§ **YOUR INSTRUCTIONS**: Return every line of the data that contains the string "CompositionType".

§ **Recorded data**:
────────

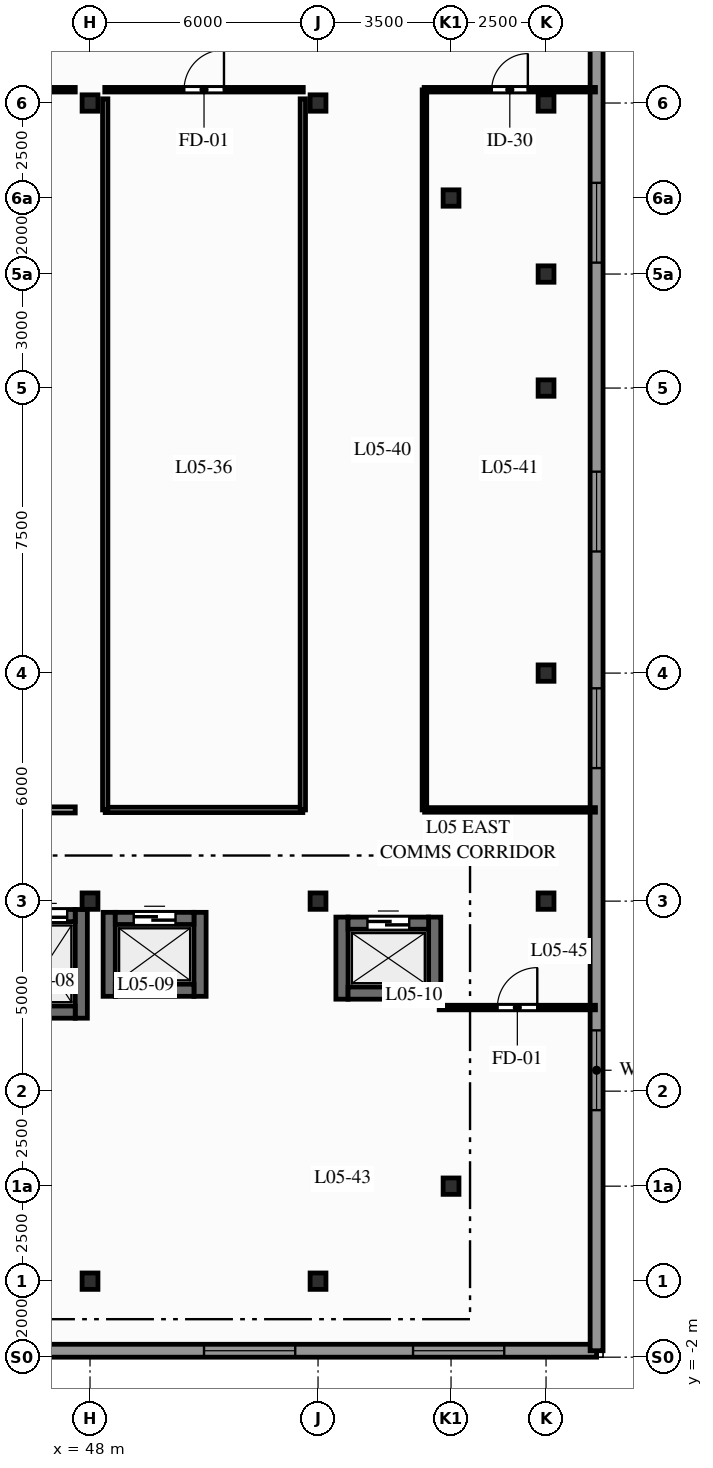
"""IFC4 building model, lengths in metres.
Left out: names, types, materials, properties, quantities, classifications, styles, units other than length and angle.
Written with IfcOpenShell. Run it as: python <this file> out.ifc"""

import sys

from ifc_helpers import new_model, si_unit, direction, frame, frame_2d, origin, origin_2d, place, context, subcontext, project, spatial, rectangle, i_section, extrude, element, fill, save


model = new_model("IFC4")
c1 = context("Model", 3, precision=1e-05, world=origin(), true_north=direction((0.0, 1.0)))
c2 = subcontext(c1, "Body", "Model", "MODEL_VIEW")
j1 = project(units=[si_unit("LENGTHUNIT", "METRE"), si_unit("PLANEANGLEUNIT", "RADIAN")], contexts=[c1])
p1 = place(None, origin())
s1 = spatial("IfcSite", under=j1, at=p1, CompositionType="ELEMENT")
p2 = place(p1, origin())
s2 = spatial("IfcBuilding", under=s1, at=p2, CompositionType="ELEMENT")
p3 = place(p2, frame((0.0, 0.0, 22.5)))
s3 = spatial("IfcBuildingStorey", under=s2, at=p3, CompositionType="ELEMENT", Elevation=22.5)
for number, where, z_axis, x_axis in (
    (1, (48.0, 0.0, 0.0), (0.0, 0.0, 1.0), (1.0, 0.0, 0.0)),
    (2, (48.0, 10.0, 0.0), (0.0, 0.0, 1.0), (1.0, 0.0, 0.0)),
    (3, (48.0, 31.0, 0.0), (0.0, 0.0, 1.0), (1.0, 0.0, 0.0)),
    (4, (54.0, 0.0, 0.0), (0.0, 0.0, 1.0), (1.0, 0.0, 0.0)),
    (5, (54.0, 10.0, 0.0), (0.0, 0.0, 1.0), (1.0, 0.0, 0.0)),
    (6, (54.0, 31.0, 0.0), (0.0, 0.0, 1.0), (1.0, 0.0, 0.0)),
    (7, (57.5, 2.5, 0.0), (0.0, 0.0, 1.0), (1.0, 0.0, 0.0)),
    (8, (57.5, 28.5, 0.0), (0.0, 0.0, 1.0), (1.0, 0.0, 0.0)),
    (9, (60.0, 10.0, 0.0), (0.0, 0.0, 1.0), (1.0, 0.0, 0.0)),
    (10, (60.0, 16.0, 0.0), (0.0, 0.0, 1.0), (1.0, 0.0, 0.0)),
    (11, (60.0, 23.5, 0.0), (0.0, 0.0, 1.0), (1.0, 0.0, 0.0)),
    (12, (60.0, 26.5, 0.0), (0.0, 0.0, 1.0), (1.0, 0.0, 0.0)),
    (13, (60.0, 31.0, 0.0), (0.0, 0.0, 1.0), (1.0, 0.0, 0.0)),
):
    element("IfcColumn", number, at=place(p3, frame(where, z_axis=z_axis, x_axis=x_axis)), inside=s3, PredefinedType="COLUMN", context=c2, shape_type="SweptSolid", body=[
        extrude(i_section(OverallWidth=0.417, OverallDepth=0.431, WebThickness=0.065, FlangeThickness=0.106, FilletRadius=0.015, at=origin_2d()), origin(), (0.0, 0.0, 1.0), 5.5),
    ])
p4 = place(p3, frame((-1.33, -1.83, 0.0), z_axis=(0.0, 0.0, 1.0), x_axis=(1.0, 0.0, 0.0)))
e14 = element("IfcWall", 14, at=p4, inside=s3, PredefinedType="STANDARD", context=c2, shape_type="SweptSolid", body=[
    extrude(rectangle(XDim=62.66, YDim=0.34, at=frame_2d((31.33, 0.0))), origin(), (0.0, 0.0, 1.0), 5.23),
])
p5 = place(p4, frame((2.83, 0.0, 0.9)))
e15 = element("IfcOpeningElement", 15, at=p5, cuts=e14, PredefinedType="OPENING", context=c2, shape_type="SweptSolid", body=[
    extrude(rectangle(XDim=2.4, YDim=2.15, at=frame_2d((1.2, 1.075))), frame((0.0, 0.18, 0.0), z_axis=(0.0, -1.0, 0.0), x_axis=(1.0, 0.0, 0.0)), (0.0, 0.0, 1.0), 0.36),
])
p6 = place(p4, frame((8.33, 0.0, 0.9)))
e16 = element("IfcOpeningElement", 16, at=p6, cuts=e14, PredefinedType="OPENING", context=c2, shape_type="SweptSolid", body=[
    extrude(rectangle(XDim=2.4, YDim=2.15, at=frame_2d((1.2, 1.075))), frame((0.0, 0.18, 0.0), z_axis=(0.0, -1.0, 0.0), x_axis=(1.0, 0.0, 0.0)), (0.0, 0.0, 1.0), 0.36),
])
p7 = place(p4, frame((52.33, 0.0, 0.9)))
e17 = element("IfcOpeningElement", 17, at=p7, cuts=e14, PredefinedType="OPENING", context=c2, shape_type="SweptSolid", body=[
    extrude(rectangle(XDim=2.4, YDim=2.15, at=frame_2d((1.2, 1.075))), frame((0.0, 0.18, 0.0), z_axis=(0.0, -1.0, 0.0), x_axis=(1.0, 0.0, 0.0)), (0.0, 0.0, 1.0), 0.36),
])
p8 = place(p4, frame((57.83, 0.0, 0.9)))
e18 = element("IfcOpeningElement", 18, at=p8, cuts=e14, PredefinedType="OPENING", context=c2, shape_type="SweptSolid", body=[
    extrude(rectangle(XDim=2.4, YDim=2.15, at=frame_2d((1.2, 1.075))), frame((0.0, 0.18, 0.0), z_axis=(0.0, -1.0, 0.0), x_axis=(1.0, 0.0, 0.0)), (0.0, 0.0, 1.0), 0.36),
])
p9 = place(p3, frame((61.33, -1.83, 0.0), z_axis=(0.0, 0.0, 1.0), x_axis=(0.0, 1.0, 0.0)))
e19 = element("IfcWall", 19, at=p9, inside=s3, PredefinedType="STANDARD", context=c2, shape_type="SweptSolid", body=[
    extrude(rectangle(XDim=36.43, YDim=0.34, at=frame_2d((18.215, 0.0))), origin(), (0.0, 0.0, 1.0), 5.23),
])
p10 = place(p9, frame((6.33, 0.0, 0.9)))
e20 = element("IfcOpeningElement", 20, at=p10, cuts=e19, PredefinedType="OPENING", context=c2, shape_type="SweptSolid", body=[
    extrude(rectangle(XDim=2.1, YDim=2.05, at=frame_2d((1.05, 1.025))), frame((0.0, 0.18, 0.0), z_axis=(0.0, -1.0, 0.0), x_axis=(1.0, 0.0, 0.0)), (0.0, 0.0, 1.0), 0.36),
])
p11 = place(p9, frame((15.33, 0.0, 0.9)))
e21 = element("IfcOpeningElement", 21, at=p11, cuts=e19, PredefinedType="OPENING", context=c2, shape_type="SweptSolid", body=[
    extrude(rectangle(XDim=2.1, YDim=2.05, at=frame_2d((1.05, 1.025))), frame((0.0, 0.18, 0.0), z_axis=(0.0, -1.0, 0.0), x_axis=(1.0, 0.0, 0.0)), (0.0, 0.0, 1.0), 0.36),
])
p12 = place(p9, frame((21.03, 0.0, 0.9)))
e22 = element("IfcOpeningElement", 22, at=p12, cuts=e19, PredefinedType="OPENING", context=c2, shape_type="SweptSolid", body=[
    extrude(rectangle(XDim=2.1, YDim=2.05, at=frame_2d((1.05, 1.025))), frame((0.0, 0.18, 0.0), z_axis=(0.0, -1.0, 0.0), x_axis=(1.0, 0.0, 0.0)), (0.0, 0.0, 1.0), 0.36),
])
p13 = place(p9, frame((28.63, 0.0, 0.9)))
e23 = element("IfcOpeningElement", 23, at=p13, cuts=e19, PredefinedType="OPENING", context=c2, shape_type="SweptSolid", body=[
    extrude(rectangle(XDim=2.1, YDim=2.05, at=frame_2d((1.05, 1.025))), frame((0.0, 0.18, 0.0), z_axis=(0.0, -1.0, 0.0), x_axis=(1.0, 0.0, 0.0)), (0.0, 0.0, 1.0), 0.36),
])
p14 = place(p3, frame((47.77, 6.92, 0.0), z_axis=(0.0, 0.0, 1.0), x_axis=(0.0, 1.0, 0.0)))
e24 = element("IfcWall", 24, at=p14, inside=s3, PredefinedType="SHEAR", context=c2, shape_type="SweptSolid", body=[
    extrude(rectangle(XDim=2.86, YDim=0.32, at=frame_2d((1.43, 0.0))), origin(), (0.0, 0.0, 1.0), 5.23),
])
p15 = place(p3, frame((46.09, 7.08, 0.0), z_axis=(0.0, 0.0, 1.0), x_axis=(1.0, 0.0, 0.0)))
e25 = element("IfcWall", 25, at=p15, inside=s3, PredefinedType="SHEAR", context=c2, shape_type="SweptSolid", body=[
    extrude(rectangle(XDim=1.52, YDim=0.32, at=frame_2d((0.76, 0.0))), origin(), (0.0, 0.0, 1.0), 5.23),
])
p16 = place(p3, frame((46.09, 9.62, 0.0), z_axis=(0.0, 0.0, 1.0), x_axis=(1.0, 0.0, 0.0)))
e26 = element("IfcWall", 26, at=p16, inside=s3, PredefinedType="SHEAR", context=c2, shape_type="SweptSolid", body=[
    extrude(rectangle(XDim=1.52, YDim=0.32, at=frame_2d((0.76, 0.0))), origin(), (0.0, 0.0, 1.0), 5.23),
])
p17 = place(p16, frame((0.21, 0.0, 0.0)))
e27 = element("IfcOpeningElement", 27, at=p17, cuts=e26, PredefinedType="OPENING", context=c2, shape_type="SweptSolid", body=[
    extrude(rectangle(XDim=1.1, YDim=2.06, at=frame_2d((0.55, 1.03))), frame((0.0, 0.17, 0.0), z_axis=(0.0, -1.0, 0.0), x_axis=(1.0, 0.0, 0.0)), (0.0, 0.0, 1.0), 0.34),
])
for number, where, z_axis, x_axis in (
    (28, (48.505, 7.495, 0.0), (0.0, 0.0, 1.0), (0.0, 1.0, 0.0)),
    (29, (50.895, 7.495, 0.0), (0.0, 0.0, 1.0), (0.0, 1.0, 0.0)),
):
    element("IfcWall", number, at=place(p3, frame(where, z_axis=z_axis, x_axis=x_axis)), inside=s3, PredefinedType="SHEAR", context=c2, shape_type="SweptSolid", body=[
        extrude(rectangle(XDim=2.21, YDim=0.32, at=frame_2d((1.105, 0.0))), origin(), (0.0, 0.0, 1.0), 5.23),
    ])
p18 = place(p3, frame((48.665, 7.655, 0.0), z_axis=(0.0, 0.0, 1.0), x_axis=(1.0, 0.0, 0.0)))
e30 = element("IfcWall", 30, at=p18, inside=s3, PredefinedType="SHEAR", context=c2, shape_type="SweptSolid", body=[
    extrude(rectangle(XDim=2.07, YDim=0.32, at=frame_2d((1.035, 0.0))), origin(), (0.0, 0.0, 1.0), 5.23),
])
p19 = place(p3, frame((48.665, 9.545, 0.0), z_axis=(0.0, 0.0, 1.0), x_axis=(1.0, 0.0, 0.0)))
e31 = element("IfcWall", 31, at=p19, inside=s3, PredefinedType="SHEAR", context=c2, shape_type="SweptSolid", body=[
    extrude(rectangle(XDim=2.07, YDim=0.32, at=frame_2d((1.035, 0.0))), origin(), (0.0, 0.0, 1.0), 5.23),
])
p20 = place(p19, frame((0.485, 0.0, 0.0)))
e32 = element("IfcOpeningElement", 32, at=p20, cuts=e31, PredefinedType="OPENING", context=c2, shape_type="SweptSolid", body=[
    extrude(rectangle(XDim=1.1, YDim=2.06, at=frame_2d((0.55, 1.03))), frame((0.0, 0.17, 0.0), z_axis=(0.0, -1.0, 0.0), x_axis=(1.0, 0.0, 0.0)), (0.0, 0.0, 1.0), 0.34),
])
for number, where, z_axis, x_axis in (
    (33, (54.63, 7.42, 0.0), (0.0, 0.0, 1.0), (0.0, 1.0, 0.0)),
    (34, (57.07, 7.42, 0.0), (0.0, 0.0, 1.0), (0.0, 1.0, 0.0)),
):
    element("IfcWall", number, at=place(p3, frame(where, z_axis=z_axis, x_axis=x_axis)), inside=s3, PredefinedType="SHEAR", context=c2, shape_type="SweptSolid", body=[
        extrude(rectangle(XDim=2.16, YDim=0.32, at=frame_2d((1.08, 0.0))), origin(), (0.0, 0.0, 1.0), 5.23),
    ])
p21 = place(p3, frame((54.79, 7.58, 0.0), z_axis=(0.0, 0.0, 1.0), x_axis=(1.0, 0.0, 0.0)))
e35 = element("IfcWall", 35, at=p21, inside=s3, PredefinedType="SHEAR", context=c2, shape_type="SweptSolid", body=[
    extrude(rectangle(XDim=2.12, YDim=0.32, at=frame_2d((1.06, 0.0))), origin(), (0.0, 0.0, 1.0), 5.23),
])
p22 = place(p3, frame((54.79, 9.42, 0.0), z_axis=(0.0, 0.0, 1.0), x_axis=(1.0, 0.0, 0.0)))
e36 = element("IfcWall", 36, at=p22, inside=s3, PredefinedType="SHEAR", context=c2, shape_type="SweptSolid", body=[
    extrude(rectangle(XDim=2.12, YDim=0.32, at=frame_2d((1.06, 0.0))), origin(), (0.0, 0.0, 1.0), 5.23),
])
p23 = place(p22, frame((0.51, 0.0, 0.0)))
e37 = element("IfcOpeningElement", 37, at=p23, cuts=e36, PredefinedType="OPENING", context=c2, shape_type="SweptSolid", body=[
    extrude(rectangle(XDim=1.1, YDim=2.06, at=frame_2d((0.55, 1.03))), frame((0.0, 0.17, 0.0), z_axis=(0.0, -1.0, 0.0), x_axis=(1.0, 0.0, 0.0)), (0.0, 0.0, 1.0), 0.34),
])
p24 = place(p3, frame((44.493, 12.4, 0.0), z_axis=(0.0, 0.0, 1.0), x_axis=(1.0, 0.0, 0.0)))
e38 = element("IfcWall", 38, at=p24, inside=s3, PredefinedType="PARTITIONING", context=c2, shape_type="SweptSolid", body=[
    extrude(rectangle(XDim=3.119, YDim=0.16, at=frame_2d((1.559, 0.0))), origin(), (0.0, 0.0, 1.0), 5.23),
])
p25 = place(p3, frame((44.493, 31.35, 0.0), z_axis=(0.0, 0.0, 1.0), x_axis=(1.0, 0.0, 0.0)))
e39 = element("IfcWall", 39, at=p25, inside=s3, PredefinedType="PARTITIONING", context=c2, shape_type="SweptSolid", body=[
    extrude(rectangle(XDim=3.119, YDim=0.12, at=frame_2d((1.559, 0.0))), origin(), (0.0, 0.0, 1.0), 5.23),
])
p26 = place(p25, frame((1.084, 0.0, 0.0)))
e40 = element("IfcOpeningElement", 40, at=p26, cuts=e39, PredefinedType="OPENING", context=c2, shape_type="SweptSolid", body=[
    extrude(rectangle(XDim=0.95, YDim=2.05, at=frame_2d((0.475, 1.025))), frame((0.0, 0.07, 0.0), z_axis=(0.0, -1.0, 0.0), x_axis=(1.0, 0.0, 0.0)), (0.0, 0.0, 1.0), 0.14),
])
p27 = place(p3, frame((48.389, 31.35, 0.0), z_axis=(0.0, 0.0, 1.0), x_axis=(1.0, 0.0, 0.0)))
e41 = element("IfcWall", 41, at=p27, inside=s3, PredefinedType="PARTITIONING", context=c2, shape_type="SweptSolid", body=[
    extrude(rectangle(XDim=5.223, YDim=0.12, at=frame_2d((2.611, 0.0))), origin(), (0.0, 0.0, 1.0), 5.23),
])
p28 = place(p27, frame((2.086, 0.0, 0.0)))
e42 = element("IfcOpeningElement", 42, at=p28, cuts=e41, PredefinedType="OPENING", context=c2, shape_type="SweptSolid", body=[
    extrude(rectangle(XDim=1.05, YDim=2.06, at=frame_2d((0.525, 1.03))), frame((0.0, 0.07, 0.0), z_axis=(0.0, -1.0, 0.0), x_axis=(1.0, 0.0, 0.0)), (0.0, 0.0, 1.0), 0.14),
])
p29 = place(p3, frame((56.793, 31.35, 0.0), z_axis=(0.0, 0.0, 1.0), x_axis=(1.0, 0.0, 0.0)))
e43 = element("IfcWall", 43, at=p29, inside=s3, PredefinedType="PARTITIONING", context=c2, shape_type="SweptSolid", body=[
    extrude(rectangle(XDim=4.507, YDim=0.12, at=frame_2d((2.254, 0.0))), origin(), (0.0, 0.0, 1.0), 5.23),
])
p30 = place(p29, frame((1.779, 0.0, 0.0)))
e44 = element("IfcOpeningElement", 44, at=p30, cuts=e43, PredefinedType="OPENING", context=c2, shape_type="SweptSolid", body=[
    extrude(rectangle(XDim=0.95, YDim=2.05, at=frame_2d((0.475, 1.025))), frame((0.0, 0.07, 0.0), z_axis=(0.0, -1.0, 0.0), x_axis=(1.0, 0.0, 0.0)), (0.0, 0.0, 1.0), 0.14),
])
p31 = place(p3, frame((56.8, 12.4, 0.0), z_axis=(0.0, 0.0, 1.0), x_axis=(0.0, 1.0, 0.0)))
e45 = element("IfcWall", 45, at=p31, inside=s3, PredefinedType="PARTITIONING", context=c2, shape_type="SweptSolid", body=[
    extrude(rectangle(XDim=18.946, YDim=0.12, at=frame_2d((9.473, 0.0))), origin(), (0.0, 0.0, 1.0), 4.585),
])
p32 = place(p3, frame((56.804, 12.4, 0.0), z_axis=(0.0, 0.0, 1.0), x_axis=(1.0, 0.0, 0.0)))
e46 = element("IfcWall", 46, at=p32, inside=s3, PredefinedType="PARTITIONING", context=c2, shape_type="SweptSolid", body=[
    extrude(rectangle(XDim=4.496, YDim=0.12, at=frame_2d((2.248, 0.0))), origin(), (0.0, 0.0, 1.0), 4.666),
])
p33 = place(p3, frame((57.189, 7.2, 0.0), z_axis=(0.0, 0.0, 1.0), x_axis=(1.0, 0.0, 0.0)))
e47 = element("IfcWall", 47, at=p33, inside=s3, PredefinedType="PARTITIONING", context=c2, shape_type="SweptSolid", body=[
    extrude(rectangle(XDim=4.111, YDim=0.12, at=frame_2d((2.056, 0.0))), origin(), (0.0, 0.0, 1.0), 5.23),
])
p34 = place(p33, frame((1.531, 0.0, 0.0)))
e48 = element("IfcOpeningElement", 48, at=p34, cuts=e47, PredefinedType="OPENING", context=c2, shape_type="SweptSolid", body=[
    extrude(rectangle(XDim=1.05, YDim=2.06, at=frame_2d((0.525, 1.03))), frame((0.0, 0.07, 0.0), z_axis=(0.0, -1.0, 0.0), x_axis=(1.0, 0.0, 0.0)), (0.0, 0.0, 1.0), 0.14),
])
p35 = place(p3, frame((48.4, 12.4, 0.0), z_axis=(0.0, 0.0, 1.0), x_axis=(1.0, 0.0, 0.0)))
e49 = element("IfcWall", 49, at=p35, inside=s3, PredefinedType="PARTITIONING", context=c2, shape_type="SweptSolid", body=[
    extrude(rectangle(XDim=5.2, YDim=0.14, at=frame_2d((2.6, 0.0))), origin(), (0.0, 0.0, 1.0), 5.23),
])
for number, where, z_axis, x_axis in (
    (50, (53.6, 12.4, 0.0), (0.0, 0.0, 1.0), (0.0, 1.0, 0.0)),
    (51, (48.4, 12.4, 0.0), (0.0, 0.0, 1.0), (0.0, 1.0, 0.0)),
):
    element("IfcWall", number, at=place(p3, frame(where, z_axis=z_axis, x_axis=x_axis)), inside=s3, PredefinedType="PARTITIONING", context=c2, shape_type="SweptSolid", body=[
        extrude(rectangle(XDim=18.71, YDim=0.14, at=frame_2d((9.355, 0.0))), origin(), (0.0, 0.0, 1.0), 3.405),
    ])
p36 = place(p7, origin())
e52 = element("IfcWindow", 52, at=p36, inside=s3, PartitioningType="SINGLE_PANEL", PredefinedType="WINDOW", context=c2, shape_type="SweptSolid", body=[
    extrude(rectangle(XDim=2.4, YDim=2.15, at=frame_2d((1.2, 1.075))), frame((0.0, 0.03, 0.0), z_axis=(0.0, -1.0, 0.0), x_axis=(1.0, 0.0, 0.0)), (0.0, 0.0, 1.0), 0.06),
])
fill(e17, e52)
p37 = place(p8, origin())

────────

§ **RESPONSE**:
s1 = spatial("IfcSite", under=j1, at=p1, CompositionType="ELEMENT")
s2 = spatial("IfcBuilding", under=s1, at=p2, CompositionType="ELEMENT")
s3 = spatial("IfcBuildingStorey", under=s2, at=p3, CompositionType="ELEMENT", Elevation=22.5)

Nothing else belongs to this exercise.